> [Your objective] Find the string "units" in the data, and copy out each line that has it.

> [Data supplied]
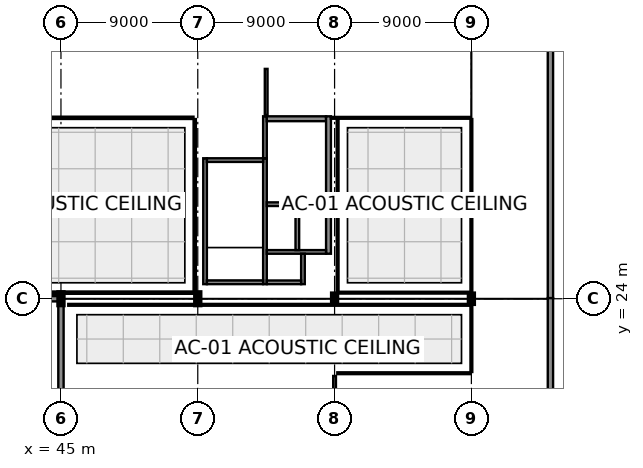
"""IFC4 building model, lengths in metres.
Left out: names, types, materials, properties, quantities, classifications, styles, units other than length and angle.
Written with IfcOpenShell. Run it as: python <this file> out.ifc"""

import sys

from ifc_helpers import new_model, si_unit, direction, frame, frame_2d, origin, origin_2d, place, context, subcontext, project, spatial, rectangle, i_section, extrude, element, fill, save


model = new_model("IFC4")
c1 = context("Model", 3, precision=1e-05, world=origin(), true_north=direction((0.0, 1.0)))
c2 = subcontext(c1, "Body", "Model", "MODEL_VIEW")
j1 = project(units=[si_unit("LENGTHUNIT", "METRE"), si_unit("PLANEANGLEUNIT", "RADIAN")], contexts=[c1])
p1 = place(None, origin())
s1 = spatial("IfcSite", under=j1, at=p1, CompositionType="ELEMENT")
p2 = place(p1, origin())
s2 = spatial("IfcBuilding", under=s1, at=p2, CompositionType="ELEMENT")
p3 = place(p2, origin())
s3 = spatial("IfcBuildingStorey", under=s2, at=p3, CompositionType="ELEMENT", Elevation=0.0)
for number, where, z_axis, x_axis in (
    (1, (45.0, 24.0, 0.0), (0.0, 0.0, 1.0), (1.0, 0.0, 0.0)),
    (2, (54.0, 24.0, 0.0), (0.0, 0.0, 1.0), (0.0, 1.0, 0.0)),
):
    element("IfcColumn", number, at=place(p3, frame(where, z_axis=z_axis, x_axis=x_axis)), inside=s3, PredefinedType="COLUMN", context=c2, shape_type="SweptSolid", body=[
        extrude(i_section(OverallWidth=0.303, OverallDepth=0.814, WebThickness=0.021, FlangeThickness=0.04, at=origin_2d()), origin(), (0.0, 0.0, 1.0), 5.4),
    ])
for number, where, z_axis, x_axis in (
    (3, (63.0, 24.0, 0.0), (0.0, 0.0, 1.0), (1.0, 0.0, 0.0)),
    (4, (72.0, 24.0, 0.0), (0.0, 0.0, 1.0), (1.0, 0.0, 0.0)),
):
    element("IfcColumn", number, at=place(p3, frame(where, z_axis=z_axis, x_axis=x_axis)), inside=s3, PredefinedType="COLUMN", context=c2, shape_type="SweptSolid", body=[
        extrude(i_section(OverallWidth=0.3, OverallDepth=0.65, WebThickness=0.016, FlangeThickness=0.031, at=origin_2d()), origin(), (0.0, 0.0, 1.0), 5.4),
    ])
p4 = place(p3, frame((35.99, 24.0, 0.0), z_axis=(0.0, 0.0, 1.0), x_axis=(1.0, 0.0, 0.0)))
e5 = element("IfcWall", 5, at=p4, inside=s3, PredefinedType="SOLIDWALL", context=c2, shape_type="SweptSolid", body=[
    extrude(rectangle(XDim=9.002, YDim=0.35, at=frame_2d((4.501, 0.0))), origin(), (0.0, 0.0, 1.0), 4.047),
])
p5 = place(p4, frame((1.521, 0.0, 0.85)))
e6 = element("IfcOpeningElement", 6, at=p5, cuts=e5, PredefinedType="OPENING", context=c2, shape_type="SweptSolid", body=[
    extrude(rectangle(XDim=2.0, YDim=2.0, at=frame_2d((1.0, 1.0))), frame((0.0, 0.19, 0.0), z_axis=(0.0, -1.0, 0.0), x_axis=(1.0, 0.0, 0.0)), (0.0, 0.0, 1.0), 0.38),
])
p6 = place(p4, frame((5.481, 0.0, 0.85)))
e7 = element("IfcOpeningElement", 7, at=p6, cuts=e5, PredefinedType="OPENING", context=c2, shape_type="SweptSolid", body=[
    extrude(rectangle(XDim=2.0, YDim=2.0, at=frame_2d((1.0, 1.0))), frame((0.0, 0.19, 0.0), z_axis=(0.0, -1.0, 0.0), x_axis=(1.0, 0.0, 0.0)), (0.0, 0.0, 1.0), 0.38),
])
p7 = place(p3, frame((77.2, 24.04, 0.0), z_axis=(0.0, 0.0, 1.0), x_axis=(0.0, 1.0, 0.0)))
e8 = element("IfcWall", 8, at=p7, inside=s3, PredefinedType="SOLIDWALL", context=c2, shape_type="SweptSolid", body=[
    extrude(rectangle(XDim=17.97, YDim=0.35, at=frame_2d((8.985, 0.0))), origin(), (0.0, 0.0, 1.0), 5.08),
])
p8 = place(p7, frame((12.66, 0.0, 0.0)))
e9 = element("IfcOpeningElement", 9, at=p8, cuts=e8, PredefinedType="OPENING", context=c2, shape_type="SweptSolid", body=[
    extrude(rectangle(XDim=1.8, YDim=2.4, at=frame_2d((0.9, 1.2))), frame((0.0, 0.19, 0.0), z_axis=(0.0, -1.0, 0.0), x_axis=(1.0, 0.0, 0.0)), (0.0, 0.0, 1.0), 0.38),
])
p9 = place(p3, frame((77.2, 11.99, 0.0), z_axis=(0.0, 0.0, 1.0), x_axis=(0.0, 1.0, 0.0)))
e10 = element("IfcWall", 10, at=p9, inside=s3, PredefinedType="SOLIDWALL", context=c2, shape_type="SweptSolid", body=[
    extrude(rectangle(XDim=12.05, YDim=0.35, at=frame_2d((6.025, 0.0))), origin(), (0.0, 0.0, 1.0), 5.08),
])
p10 = place(p9, frame((2.07, 0.0, 0.85)))
e11 = element("IfcOpeningElement", 11, at=p10, cuts=e10, PredefinedType="OPENING", context=c2, shape_type="SweptSolid", body=[
    extrude(rectangle(XDim=1.4, YDim=1.4, at=frame_2d((0.7, 0.7))), frame((0.0, 0.19, 0.0), z_axis=(0.0, -1.0, 0.0), x_axis=(1.0, 0.0, 0.0)), (0.0, 0.0, 1.0), 0.38),
])
p11 = place(p9, frame((7.735, 0.0, 0.85)))
e12 = element("IfcOpeningElement", 12, at=p11, cuts=e10, PredefinedType="OPENING", context=c2, shape_type="SweptSolid", body=[
    extrude(rectangle(XDim=1.4, YDim=1.4, at=frame_2d((0.7, 0.7))), frame((0.0, 0.19, 0.0), z_axis=(0.0, -1.0, 0.0), x_axis=(1.0, 0.0, 0.0)), (0.0, 0.0, 1.0), 0.38),
])
p12 = place(p3, frame((45.0, 23.595, 0.0), z_axis=(0.0, 0.0, 1.0), x_axis=(0.0, -1.0, 0.0)))
e13 = element("IfcWall", 13, at=p12, inside=s3, PredefinedType="SOLIDWALL", context=c2, shape_type="SweptSolid", body=[
    extrude(rectangle(XDim=11.19, YDim=0.35, at=frame_2d((5.595, 0.0))), origin(), (0.0, 0.0, 1.0), 4.725),
])
p13 = place(p12, frame((4.595, 0.0, 0.0)))
e14 = element("IfcOpeningElement", 14, at=p13, cuts=e13, PredefinedType="OPENING", context=c2, shape_type="SweptSolid", body=[
    extrude(rectangle(XDim=2.4, YDim=2.8, at=frame_2d((1.2, 1.4))), frame((0.0, 0.19, 0.0), z_axis=(0.0, -1.0, 0.0), x_axis=(1.0, 0.0, 0.0)), (0.0, 0.0, 1.0), 0.38),
])
p14 = place(p12, frame((8.09, 0.0, 0.0)))
e15 = element("IfcOpeningElement", 15, at=p14, cuts=e13, PredefinedType="OPENING", context=c2, shape_type="SweptSolid", body=[
    extrude(rectangle(XDim=1.8, YDim=2.4, at=frame_2d((0.9, 1.2))), frame((0.0, 0.19, 0.0), z_axis=(0.0, -1.0, 0.0), x_axis=(1.0, 0.0, 0.0)), (0.0, 0.0, 1.0), 0.38),
])
p15 = place(p3, frame((54.48, 24.96, 0.0), z_axis=(0.0, 0.0, 1.0), x_axis=(0.0, 1.0, 0.0)))
e16 = element("IfcWall", 16, at=p15, inside=s3, PredefinedType="SHEAR", context=c2, shape_type="SweptSolid", body=[
    extrude(rectangle(XDim=8.28, YDim=0.24, at=frame_2d((4.14, 0.0))), origin(), (0.0, 0.0, 1.0), 5.21),
])
p16 = place(p3, frame((58.42, 24.96, 0.0), z_axis=(0.0, 0.0, 1.0), x_axis=(0.0, 1.0, 0.0)))
e17 = element("IfcWall", 17, at=p16, inside=s3, PredefinedType="SHEAR", context=c2, shape_type="SweptSolid", body=[
    extrude(rectangle(XDim=8.28, YDim=0.24, at=frame_2d((4.14, 0.0))), origin(), (0.0, 0.0, 1.0), 5.21),
])
p17 = place(p16, frame((6.49, 0.0, 0.0)))
e18 = element("IfcOpeningElement", 18, at=p17, cuts=e17, PredefinedType="OPENING", context=c2, shape_type="SweptSolid", body=[
    extrude(rectangle(XDim=1.3, YDim=2.2, at=frame_2d((0.65, 1.1))), frame((0.0, 0.135, 0.0), z_axis=(0.0, -1.0, 0.0), x_axis=(1.0, 0.0, 0.0)), (0.0, 0.0, 1.0), 0.27),
])
for number, where, z_axis, x_axis in (
    (19, (54.6, 25.08, 0.0), (0.0, 0.0, 1.0), (1.0, 0.0, 0.0)),
    (20, (54.6, 33.12, 0.0), (0.0, 0.0, 1.0), (1.0, 0.0, 0.0)),
):
    element("IfcWall", number, at=place(p3, frame(where, z_axis=z_axis, x_axis=x_axis)), inside=s3, PredefinedType="SHEAR", context=c2, shape_type="SweptSolid", body=[
        extrude(rectangle(XDim=3.7, YDim=0.24, at=frame_2d((1.85, 0.0))), origin(), (0.0, 0.0, 1.0), 5.21),
    ])
p18 = place(p3, frame((58.42, 33.24, 0.0), z_axis=(0.0, 0.0, 1.0), x_axis=(0.0, 1.0, 0.0)))
e21 = element("IfcWall", 21, at=p18, inside=s3, PredefinedType="SHEAR", context=c2, shape_type="SweptSolid", body=[
    extrude(rectangle(XDim=2.76, YDim=0.24, at=frame_2d((1.38, 0.0))), origin(), (0.0, 0.0, 1.0), 5.06),
])
p19 = place(p3, frame((58.54, 35.84, 0.0), z_axis=(0.0, 0.0, 1.0), x_axis=(1.0, 0.0, 0.0)))
e22 = element("IfcWall", 22, at=p19, inside=s3, PredefinedType="SHEAR", context=c2, shape_type="SweptSolid", body=[
    extrude(rectangle(XDim=3.9, YDim=0.32, at=frame_2d((1.95, 0.0))), origin(), (0.0, 0.0, 1.0), 5.06),
])
p20 = place(p19, frame((1.225, 0.0, 0.0)))
e23 = element("IfcOpeningElement", 23, at=p20, cuts=e22, PredefinedType="OPENING", context=c2, shape_type="SweptSolid", body=[
    extrude(rectangle(XDim=1.45, YDim=2.2, at=frame_2d((0.725, 1.1))), frame((0.0, 0.175, 0.0), z_axis=(0.0, -1.0, 0.0), x_axis=(1.0, 0.0, 0.0)), (0.0, 0.0, 1.0), 0.35),
])
p21 = place(p3, frame((62.6, 26.96, 0.0), z_axis=(0.0, 0.0, 1.0), x_axis=(0.0, 1.0, 0.0)))
e24 = element("IfcWall", 24, at=p21, inside=s3, PredefinedType="SHEAR", context=c2, shape_type="SweptSolid", body=[
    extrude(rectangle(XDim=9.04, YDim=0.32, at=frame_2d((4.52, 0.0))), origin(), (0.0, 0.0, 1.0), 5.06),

> [Exercise response]
Left out: names, types, materials, properties, quantities, classifications, styles, units other than length and angle.
j1 = project(units=[si_unit("LENGTHUNIT", "METRE"), si_unit("PLANEANGLEUNIT", "RADIAN")], contexts=[c1])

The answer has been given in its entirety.